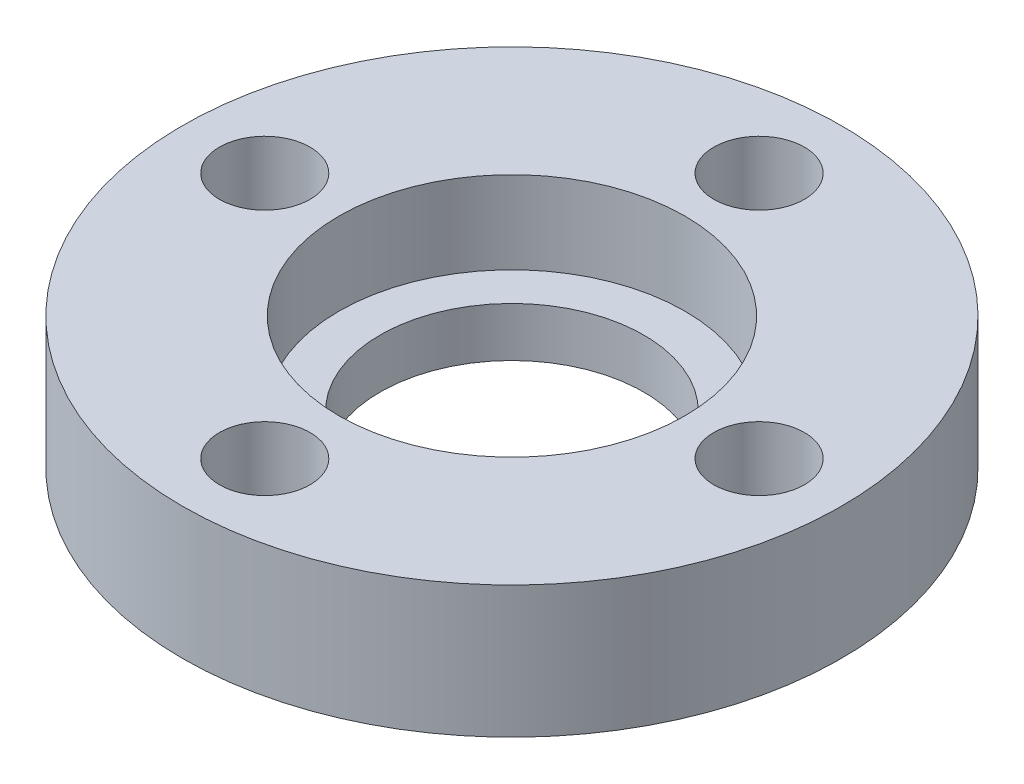
SolidWorks part; units mm, degrees
material "45#"
ref_plane "Front" through (0, 0, 0) normal (0, 0, 1) x (1, 0, 0)
ref_plane "Top" through (0, 0, 0) normal (0, 1, 0) x (1, 0, 0)
ref_plane "Right" through (0, 0, 0) normal (1, 0, 0) x (0, 0, -1)
sketch "Sketch1" plane through (0, 0, 0) normal (0, 1, 0) x (1, 0, 0)
  circle A0 centre (0, 0) radius 40
  circle A1 centre (0, 0) radius 16
  dimension "D1" = 80
  dimension "D2" = 32
extrude "Boss-Extrude1" add sketch "Sketch1" along normal blind 16
sketch "Sketch2" plane through (0, 16, 0) normal (0, 1, 0) x (1, 0, 0)
  circle A0 centre (0, 0) radius 21
  dimension "D1" = 42
extrude "Cut-Extrude1" cut sketch "Sketch2" against normal blind 10
hole_wizard "M10 Clearance Hole1" positions "Sketch5" profile "Sketch6" hole size "M10" standard "GB"
sketch "Sketch5" plane through (0, 16, 0) normal (0, 1, 0) x (1, 0, 0)
  circle A1 centre (0, 0) radius 30
  point P8 (0, 30)
  point P10 (-30, 0)
  point P12 (30, 0)
  point P14 (0, -30)
  dimension "D1" = 60
sketch "Sketch6" plane through (0, 16, 30) normal (1, 0, 0) x (0, 0, 1)
  line L0 (0, 0) -> (0, 32.5547)
  line L1 (0, 32.5547) -> (5.5, 29.25)
  line L2 (5.5, 29.25) -> (5.5, 0)
  line L5 (5.5, 0) -> (0, 0)
  line L10 (0, 32.5547) -> (-5.5, 29.25) construction
  line L11 (0, -6.35) -> (0, 107.95) construction
  dimension "孔直径" = 11
  dimension "孔深度" = 29.25
  dimension "导头角度" = 118

....................

◆ WORK TO COMPLETE
Count the lines of the entries above in which the string "circle" appears. Supply the number only.

◆ ANSWER SPACE
4